Task to carry out
Using the entries below, transcribe exactly the line containing "#308=EDGE_CURVE('',#281,#297,#307,.T.);" and each line that follows it to the end.

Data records
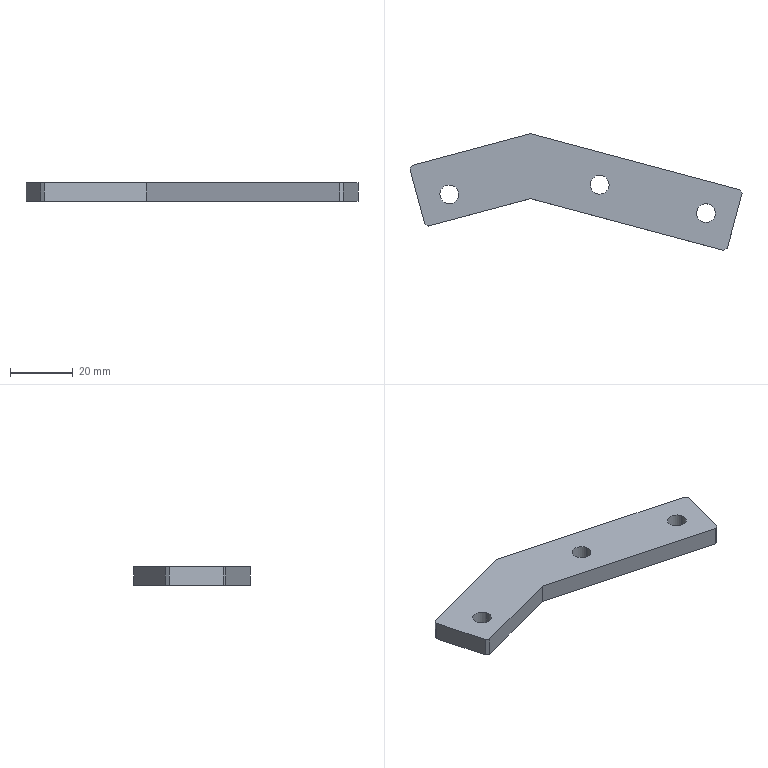Component | SolidWorks | JCT-03-05BentPlate-1 | 1 solid | 18 faces | box 105.73 x 37.18 x 6 mm | volume 12036 mm3 | plane 12 | cylinder 6 | commonest cylinder face diameters 6 x6
build123d program:
from build123d import *

# Parameters (mm, degrees)
EXTRUDE1_DEPTH    = 3
SKETCH2_R         = 3
EXTRUDE2_DEPTH    = 114.57
M6_TAPPED_HOLE1_D = 6
CHAMFER1_SIZE     = 1


with BuildPart() as part:
    # Sketch1 → Extrude1 (new, symmetric)
    with BuildSketch(Plane.XY):
        Polygon((0, 0), (40, 0), (100.622, -35), (90.622, -52.321), (34.641, -20), (0, -20), align=None)
    extrude(amount=EXTRUDE1_DEPTH, both=True)

    # Sketch2 → Extrude2 (cut, through all)
    with BuildSketch(Plane.XY.offset(3)):
        with Locations((10, -12)):
            Circle(SKETCH2_R)
    extrude(amount=-EXTRUDE2_DEPTH, mode=Mode.SUBTRACT)

    # M6 Tapped Hole1 (through all)
    with Locations(Plane.XY.offset(3)):
        with Locations((57.084, -21.41), (87.395, -38.91)):
            Hole(M6_TAPPED_HOLE1_D / 2)

    # Chamfer1
    chamfer1_edges = [part.edges().sort_by_distance(p)[0] for p in [
        (0, 0, 0),
        (100.622, -35, 0),
        (90.622, -52.321, 0),
        (0, -20, 0),
    ]]
    chamfer(chamfer1_edges, length=CHAMFER1_SIZE)


solid = part.part

# Placed as in the assembly
solid = solid.moved(Location((10.501, 12.302, 65), (0, 0, 15)))
STEP:
#1=CARTESIAN_POINT('',(2.688,0.2212,2.441));
#2=VERTEX_POINT('',#1);
#3=CARTESIAN_POINT('',(2.916,0.2824,2.441));
#4=VERTEX_POINT('',#3);
#5=CARTESIAN_POINT('',(2.802,0.2518,2.441));
#6=DIRECTION('',(0.,0.,1.));
#7=DIRECTION('',(0.9659,0.2588,0.));
#8=AXIS2_PLACEMENT_3D('',#5,#6,#7);
#9=CIRCLE('',#8,0.1181);
#10=EDGE_CURVE('',#2,#4,#9,.T.);
#11=ORIENTED_EDGE('',*,*,#10,.F.);
#12=CARTESIAN_POINT('',(2.688,0.2212,2.677));
#13=VERTEX_POINT('',#12);
#14=CARTESIAN_POINT('',(2.688,0.2212,2.677));
#15=DIRECTION('',(0.,0.,1.));
#16=VECTOR('',#15,39.37);
#17=LINE('',#14,#16);
#18=EDGE_CURVE('',#2,#13,#17,.T.);
#19=ORIENTED_EDGE('',*,*,#18,.T.);
#20=CARTESIAN_POINT('',(2.916,0.2824,2.677));
#21=VERTEX_POINT('',#20);
#22=CARTESIAN_POINT('',(2.802,0.2518,2.677));
#23=DIRECTION('',(0.,0.,1.));
#24=DIRECTION('',(0.9659,0.2588,0.));
#25=AXIS2_PLACEMENT_3D('',#22,#23,#24);
#26=CIRCLE('',#25,0.1181);
#27=EDGE_CURVE('',#13,#21,#26,.T.);
#28=ORIENTED_EDGE('',*,*,#27,.T.);
#29=CARTESIAN_POINT('',(2.916,0.2824,2.677));
#30=DIRECTION('',(0.,0.,1.));
#31=VECTOR('',#30,39.37);
#32=LINE('',#29,#31);
#33=EDGE_CURVE('',#4,#21,#32,.T.);
#34=ORIENTED_EDGE('',*,*,#33,.F.);
#35=EDGE_LOOP('',(#11,#19,#28,#34));
#36=FACE_OUTER_BOUND('',#35,.T.);
#37=CARTESIAN_POINT('',(2.802,0.2518,2.677));
#38=DIRECTION('',(0.,0.,1.));
#39=DIRECTION('',(0.9659,0.2588,0.));
#40=AXIS2_PLACEMENT_3D('',#37,#38,#39);
#41=CYLINDRICAL_SURFACE('',#40,0.1181);
#42=ADVANCED_FACE('',(#36),#41,.F.);
#43=CARTESIAN_POINT('',(4.019,-0.1354,2.441));
#44=VERTEX_POINT('',#43);
#45=CARTESIAN_POINT('',(4.247,-0.07427,2.441));
#46=VERTEX_POINT('',#45);
#47=CARTESIAN_POINT('',(4.133,-0.1048,2.441));
#48=DIRECTION('',(0.,0.,1.));
#49=DIRECTION('',(0.9659,0.2588,0.));
#50=AXIS2_PLACEMENT_3D('',#47,#48,#49);
#51=CIRCLE('',#50,0.1181);
#52=EDGE_CURVE('',#44,#46,#51,.T.);
#53=ORIENTED_EDGE('',*,*,#52,.F.);
#54=CARTESIAN_POINT('',(4.019,-0.1354,2.677));
#55=VERTEX_POINT('',#54);
#56=CARTESIAN_POINT('',(4.019,-0.1354,2.677));
#57=DIRECTION('',(0.,0.,1.));
#58=VECTOR('',#57,39.37);
#59=LINE('',#56,#58);
#60=EDGE_CURVE('',#44,#55,#59,.T.);
#61=ORIENTED_EDGE('',*,*,#60,.T.);
#62=CARTESIAN_POINT('',(4.247,-0.07427,2.677));
#63=VERTEX_POINT('',#62);
#64=CARTESIAN_POINT('',(4.133,-0.1048,2.677));
#65=DIRECTION('',(0.,0.,1.));
#66=DIRECTION('',(0.9659,0.2588,0.));
#67=AXIS2_PLACEMENT_3D('',#64,#65,#66);
#68=CIRCLE('',#67,0.1181);
#69=EDGE_CURVE('',#55,#63,#68,.T.);
#70=ORIENTED_EDGE('',*,*,#69,.T.);
#71=CARTESIAN_POINT('',(4.247,-0.07427,2.677));
#72=DIRECTION('',(0.,0.,1.));
#73=VECTOR('',#72,39.37);
#74=LINE('',#71,#73);
#75=EDGE_CURVE('',#46,#63,#74,.T.);
#76=ORIENTED_EDGE('',*,*,#75,.F.);
#77=EDGE_LOOP('',(#53,#61,#70,#76));
#78=FACE_OUTER_BOUND('',#77,.T.);
#79=CARTESIAN_POINT('',(4.133,-0.1048,2.677));
#80=DIRECTION('',(0.,0.,1.));
#81=DIRECTION('',(0.9659,0.2588,0.));
#82=AXIS2_PLACEMENT_3D('',#79,#80,#81);
#83=CYLINDRICAL_SURFACE('',#82,0.1181);
#84=ADVANCED_FACE('',(#78),#83,.F.);
#85=CARTESIAN_POINT('',(0.8019,0.09932,2.441));
#86=VERTEX_POINT('',#85);
#87=CARTESIAN_POINT('',(1.03,0.1605,2.441));
#88=VERTEX_POINT('',#87);
#89=CARTESIAN_POINT('',(0.916,0.1299,2.441));
#90=DIRECTION('',(0.,0.,1.));
#91=DIRECTION('',(0.9659,0.2588,0.));
#92=AXIS2_PLACEMENT_3D('',#89,#90,#91);
#93=CIRCLE('',#92,0.1181);
#94=EDGE_CURVE('',#86,#88,#93,.T.);
#95=ORIENTED_EDGE('',*,*,#94,.F.);
#96=CARTESIAN_POINT('',(0.8019,0.09932,2.677));
#97=VERTEX_POINT('',#96);
#98=CARTESIAN_POINT('',(0.8019,0.09932,2.441));
#99=DIRECTION('',(0.,0.,1.));
#100=VECTOR('',#99,39.37);
#101=LINE('',#98,#100);
#102=EDGE_CURVE('',#86,#97,#101,.T.);
#103=ORIENTED_EDGE('',*,*,#102,.T.);
#104=CARTESIAN_POINT('',(1.03,0.1605,2.677));
#105=VERTEX_POINT('',#104);
#106=CARTESIAN_POINT('',(0.916,0.1299,2.677));
#107=DIRECTION('',(0.,0.,1.));
#108=DIRECTION('',(0.9659,0.2588,0.));
#109=AXIS2_PLACEMENT_3D('',#106,#107,#108);
#110=CIRCLE('',#109,0.1181);
#111=EDGE_CURVE('',#97,#105,#110,.T.);
#112=ORIENTED_EDGE('',*,*,#111,.T.);
#113=CARTESIAN_POINT('',(1.03,0.1605,2.441));
#114=DIRECTION('',(0.,0.,1.));
#115=VECTOR('',#114,39.37);
#116=LINE('',#113,#115);
#117=EDGE_CURVE('',#88,#105,#116,.T.);
#118=ORIENTED_EDGE('',*,*,#117,.F.);
#119=EDGE_LOOP('',(#95,#103,#112,#118));
#120=FACE_OUTER_BOUND('',#119,.T.);
#121=CARTESIAN_POINT('',(0.916,0.1299,2.441));
#122=DIRECTION('',(0.,0.,1.));
#123=DIRECTION('',(0.9659,0.2588,0.));
#124=AXIS2_PLACEMENT_3D('',#121,#122,#123);
#125=CYLINDRICAL_SURFACE('',#124,0.1181);
#126=ADVANCED_FACE('',(#120),#125,.F.);
#127=CARTESIAN_POINT('',(0.4236,0.4463,2.441));
#128=VERTEX_POINT('',#127);
#129=CARTESIAN_POINT('',(0.607,-0.2382,2.441));
#130=VERTEX_POINT('',#129);
#131=CARTESIAN_POINT('',(0.4134,0.4843,2.441));
#132=DIRECTION('',(0.2588,-0.9659,0.));
#133=VECTOR('',#132,39.37);
#134=LINE('',#131,#133);
#135=EDGE_CURVE('',#128,#130,#134,.T.);
#136=ORIENTED_EDGE('',*,*,#135,.T.);
#137=CARTESIAN_POINT('',(0.607,-0.2382,2.677));
#138=VERTEX_POINT('',#137);
#139=CARTESIAN_POINT('',(0.607,-0.2382,2.677));
#140=DIRECTION('',(0.,0.,1.));
#141=VECTOR('',#140,39.37);
#142=LINE('',#139,#141);
#143=EDGE_CURVE('',#130,#138,#142,.T.);
#144=ORIENTED_EDGE('',*,*,#143,.T.);
#145=CARTESIAN_POINT('',(0.4236,0.4463,2.677));
#146=VERTEX_POINT('',#145);
#147=CARTESIAN_POINT('',(0.4134,0.4843,2.677));
#148=DIRECTION('',(0.2588,-0.9659,0.));
#149=VECTOR('',#148,39.37);
#150=LINE('',#147,#149);
#151=EDGE_CURVE('',#146,#138,#150,.T.);
#152=ORIENTED_EDGE('',*,*,#151,.F.);
#153=CARTESIAN_POINT('',(0.4236,0.4463,2.677));
#154=DIRECTION('',(0.,0.,-1.));
#155=VECTOR('',#154,39.37);
#156=LINE('',#153,#155);
#157=EDGE_CURVE('',#146,#128,#156,.T.);
#158=ORIENTED_EDGE('',*,*,#157,.T.);
#159=EDGE_LOOP('',(#136,#144,#152,#158));
#160=FACE_OUTER_BOUND('',#159,.T.);
#161=CARTESIAN_POINT('',(0.4134,0.4843,2.677));
#162=DIRECTION('',(0.9659,0.2588,0.));
#163=DIRECTION('',(-0.2588,0.9659,0.));
#164=AXIS2_PLACEMENT_3D('',#161,#162,#163);
#165=PLANE('',#164);
#166=ADVANCED_FACE('',(#160),#165,.F.);
#167=CARTESIAN_POINT('',(0.6553,-0.266,2.677));
#168=VERTEX_POINT('',#167);
#169=CARTESIAN_POINT('',(1.935,0.07674,2.677));
#170=VERTEX_POINT('',#169);
#171=CARTESIAN_POINT('',(0.6172,-0.2762,2.677));
#172=DIRECTION('',(0.9659,0.2588,0.));
#173=VECTOR('',#172,39.37);
#174=LINE('',#171,#173);
#175=EDGE_CURVE('',#168,#170,#174,.T.);
#176=ORIENTED_EDGE('',*,*,#175,.F.);
#177=CARTESIAN_POINT('',(0.6553,-0.266,2.441));
#178=VERTEX_POINT('',#177);
#179=CARTESIAN_POINT('',(0.6553,-0.266,2.677));
#180=DIRECTION('',(0.,0.,-1.));
#181=VECTOR('',#180,39.37);
#182=LINE('',#179,#181);
#183=EDGE_CURVE('',#168,#178,#182,.T.);
#184=ORIENTED_EDGE('',*,*,#183,.T.);
#185=CARTESIAN_POINT('',(1.935,0.07674,2.441));
#186=VERTEX_POINT('',#185);
#187=CARTESIAN_POINT('',(0.6172,-0.2762,2.441));
#188=DIRECTION('',(0.9659,0.2588,0.));
#189=VECTOR('',#188,39.37);
#190=LINE('',#187,#189);
#191=EDGE_CURVE('',#178,#186,#190,.T.);
#192=ORIENTED_EDGE('',*,*,#191,.T.);
#193=CARTESIAN_POINT('',(1.935,0.07674,2.677));
#194=DIRECTION('',(0.,0.,-1.));
#195=VECTOR('',#194,39.37);
#196=LINE('',#193,#195);
#197=EDGE_CURVE('',#170,#186,#196,.T.);
#198=ORIENTED_EDGE('',*,*,#197,.F.);
#199=EDGE_LOOP('',(#176,#184,#192,#198));
#200=FACE_OUTER_BOUND('',#199,.T.);
#201=CARTESIAN_POINT('',(0.6172,-0.2762,2.677));
#202=DIRECTION('',(-0.2588,0.9659,0.));
#203=DIRECTION('',(0.,0.,1.));
#204=AXIS2_PLACEMENT_3D('',#201,#202,#203);
#205=PLANE('',#204);
#206=ADVANCED_FACE('',(#200),#205,.F.);
#207=CARTESIAN_POINT('',(4.355,-0.5717,2.441));
#208=VERTEX_POINT('',#207);
#209=CARTESIAN_POINT('',(1.935,0.07674,2.441));
#210=DIRECTION('',(0.9659,-0.2588,0.));
#211=VECTOR('',#210,39.37);
#212=LINE('',#209,#211);
#213=EDGE_CURVE('',#186,#208,#212,.T.);
#214=ORIENTED_EDGE('',*,*,#213,.T.);
#215=CARTESIAN_POINT('',(4.355,-0.5717,2.677));
#216=VERTEX_POINT('',#215);
#217=CARTESIAN_POINT('',(4.355,-0.5717,2.677));
#218=DIRECTION('',(0.,0.,1.));
#219=VECTOR('',#218,39.37);
#220=LINE('',#217,#219);
#221=EDGE_CURVE('',#208,#216,#220,.T.);
#222=ORIENTED_EDGE('',*,*,#221,.T.);
#223=CARTESIAN_POINT('',(1.935,0.07674,2.677));
#224=DIRECTION('',(0.9659,-0.2588,0.));
#225=VECTOR('',#224,39.37);
#226=LINE('',#223,#225);
#227=EDGE_CURVE('',#170,#216,#226,.T.);
#228=ORIENTED_EDGE('',*,*,#227,.F.);
#229=ORIENTED_EDGE('',*,*,#197,.T.);
#230=EDGE_LOOP('',(#214,#222,#228,#229));
#231=FACE_OUTER_BOUND('',#230,.T.);
#232=CARTESIAN_POINT('',(1.935,0.07674,2.677));
#233=DIRECTION('',(0.2588,0.9659,0.));
#234=DIRECTION('',(-0.9659,0.2588,0.));
#235=AXIS2_PLACEMENT_3D('',#232,#233,#234);
#236=PLANE('',#235);
#237=ADVANCED_FACE('',(#231),#236,.F.);
#238=CARTESIAN_POINT('',(4.403,-0.5439,2.677));
#239=VERTEX_POINT('',#238);
#240=CARTESIAN_POINT('',(4.586,0.1406,2.677));
#241=VERTEX_POINT('',#240);
#242=CARTESIAN_POINT('',(4.393,-0.5819,2.677));
#243=DIRECTION('',(0.2588,0.9659,0.));
#244=VECTOR('',#243,39.37);
#245=LINE('',#242,#244);
#246=EDGE_CURVE('',#239,#241,#245,.T.);
#247=ORIENTED_EDGE('',*,*,#246,.F.);
#248=CARTESIAN_POINT('',(4.403,-0.5439,2.441));
#249=VERTEX_POINT('',#248);
#250=CARTESIAN_POINT('',(4.403,-0.5439,2.677));
#251=DIRECTION('',(0.,0.,-1.));
#252=VECTOR('',#251,39.37);
#253=LINE('',#250,#252);
#254=EDGE_CURVE('',#239,#249,#253,.T.);
#255=ORIENTED_EDGE('',*,*,#254,.T.);
#256=CARTESIAN_POINT('',(4.586,0.1406,2.441));
#257=VERTEX_POINT('',#256);
#258=CARTESIAN_POINT('',(4.393,-0.5819,2.441));
#259=DIRECTION('',(0.2588,0.9659,0.));
#260=VECTOR('',#259,39.37);
#261=LINE('',#258,#260);
#262=EDGE_CURVE('',#249,#257,#261,.T.);
#263=ORIENTED_EDGE('',*,*,#262,.T.);
#264=CARTESIAN_POINT('',(4.586,0.1406,2.677));
#265=DIRECTION('',(0.,0.,1.));
#266=VECTOR('',#265,39.37);
#267=LINE('',#264,#266);
#268=EDGE_CURVE('',#257,#241,#267,.T.);
#269=ORIENTED_EDGE('',*,*,#268,.T.);
#270=EDGE_LOOP('',(#247,#255,#263,#269));
#271=FACE_OUTER_BOUND('',#270,.T.);
#272=CARTESIAN_POINT('',(4.393,-0.5819,2.677));
#273=DIRECTION('',(-0.9659,0.2588,0.));
#274=DIRECTION('',(-0.2588,-0.9659,0.));
#275=AXIS2_PLACEMENT_3D('',#272,#273,#274);
#276=PLANE('',#275);
#277=ADVANCED_FACE('',(#271),#276,.F.);
#278=CARTESIAN_POINT('',(4.559,0.1888,2.677));
#279=VERTEX_POINT('',#278);
#280=CARTESIAN_POINT('',(1.935,0.8919,2.677));
#281=VERTEX_POINT('',#280);
#282=CARTESIAN_POINT('',(1.935,0.8919,2.677));
#283=DIRECTION('',(-0.9659,0.2588,0.));
#284=VECTOR('',#283,39.37);
#285=LINE('',#282,#284);
#286=EDGE_CURVE('',#279,#281,#285,.T.);
#287=ORIENTED_EDGE('',*,*,#286,.F.);
#288=CARTESIAN_POINT('',(4.559,0.1888,2.441));
#289=VERTEX_POINT('',#288);
#290=CARTESIAN_POINT('',(4.559,0.1888,2.677));
#291=DIRECTION('',(0.,0.,-1.));
#292=VECTOR('',#291,39.37);
#293=LINE('',#290,#292);
#294=EDGE_CURVE('',#279,#289,#293,.T.);
#295=ORIENTED_EDGE('',*,*,#294,.T.);
#296=CARTESIAN_POINT('',(1.935,0.8919,2.441));
#297=VERTEX_POINT('',#296);
#298=CARTESIAN_POINT('',(1.935,0.8919,2.441));
#299=DIRECTION('',(-0.9659,0.2588,0.));
#300=VECTOR('',#299,39.37);
#301=LINE('',#298,#300);
#302=EDGE_CURVE('',#289,#297,#301,.T.);
#303=ORIENTED_EDGE('',*,*,#302,.T.);
#304=CARTESIAN_POINT('',(1.935,0.8919,2.677));
#305=DIRECTION('',(0.,0.,-1.));
#306=VECTOR('',#305,39.37);
#307=LINE('',#304,#306);
#308=EDGE_CURVE('',#281,#297,#307,.T.);
#309=ORIENTED_EDGE('',*,*,#308,.F.);
#310=EDGE_LOOP('',(#287,#295,#303,#309));
#311=FACE_OUTER_BOUND('',#310,.T.);
#312=CARTESIAN_POINT('',(1.935,0.8919,2.677));
#313=DIRECTION('',(-0.2588,-0.9659,0.));
#314=DIRECTION('',(0.9659,-0.2588,0.));
#315=AXIS2_PLACEMENT_3D('',#312,#313,#314);
#316=PLANE('',#315);
#317=ADVANCED_FACE('',(#311),#316,.F.);
#318=CARTESIAN_POINT('',(0.4515,0.4945,2.441));
#319=VERTEX_POINT('',#318);
#320=CARTESIAN_POINT('',(0.4134,0.4843,2.441));
#321=DIRECTION('',(-0.9659,-0.2588,0.));
#322=VECTOR('',#321,39.37);
#323=LINE('',#320,#322);
#324=EDGE_CURVE('',#297,#319,#323,.T.);
#325=ORIENTED_EDGE('',*,*,#324,.T.);
#326=CARTESIAN_POINT('',(0.4515,0.4945,2.677));
#327=VERTEX_POINT('',#326);
#328=CARTESIAN_POINT('',(0.4515,0.4945,2.677));
#329=DIRECTION('',(0.,0.,1.));
#330=VECTOR('',#329,39.37);
#331=LINE('',#328,#330);
#332=EDGE_CURVE('',#319,#327,#331,.T.);
#333=ORIENTED_EDGE('',*,*,#332,.T.);
#334=CARTESIAN_POINT('',(0.4134,0.4843,2.677));
#335=DIRECTION('',(-0.9659,-0.2588,0.));
#336=VECTOR('',#335,39.37);
#337=LINE('',#334,#336);
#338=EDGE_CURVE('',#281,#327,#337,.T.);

Answer to this problem
#308=EDGE_CURVE('',#281,#297,#307,.T.);
#309=ORIENTED_EDGE('',*,*,#308,.F.);
#310=EDGE_LOOP('',(#287,#295,#303,#309));
#311=FACE_OUTER_BOUND('',#310,.T.);
#312=CARTESIAN_POINT('',(1.935,0.8919,2.677));
#313=DIRECTION('',(-0.2588,-0.9659,0.));
#314=DIRECTION('',(0.9659,-0.2588,0.));
#315=AXIS2_PLACEMENT_3D('',#312,#313,#314);
#316=PLANE('',#315);
#317=ADVANCED_FACE('',(#311),#316,.F.);
#318=CARTESIAN_POINT('',(0.4515,0.4945,2.441));
#319=VERTEX_POINT('',#318);
#320=CARTESIAN_POINT('',(0.4134,0.4843,2.441));
#321=DIRECTION('',(-0.9659,-0.2588,0.));
#322=VECTOR('',#321,39.37);
#323=LINE('',#320,#322);
#324=EDGE_CURVE('',#297,#319,#323,.T.);
#325=ORIENTED_EDGE('',*,*,#324,.T.);
#326=CARTESIAN_POINT('',(0.4515,0.4945,2.677));
#327=VERTEX_POINT('',#326);
#328=CARTESIAN_POINT('',(0.4515,0.4945,2.677));
#329=DIRECTION('',(0.,0.,1.));
#330=VECTOR('',#329,39.37);
#331=LINE('',#328,#330);
#332=EDGE_CURVE('',#319,#327,#331,.T.);
#333=ORIENTED_EDGE('',*,*,#332,.T.);
#334=CARTESIAN_POINT('',(0.4134,0.4843,2.677));
#335=DIRECTION('',(-0.9659,-0.2588,0.));
#336=VECTOR('',#335,39.37);
#337=LINE('',#334,#336);
#338=EDGE_CURVE('',#281,#327,#337,.T.);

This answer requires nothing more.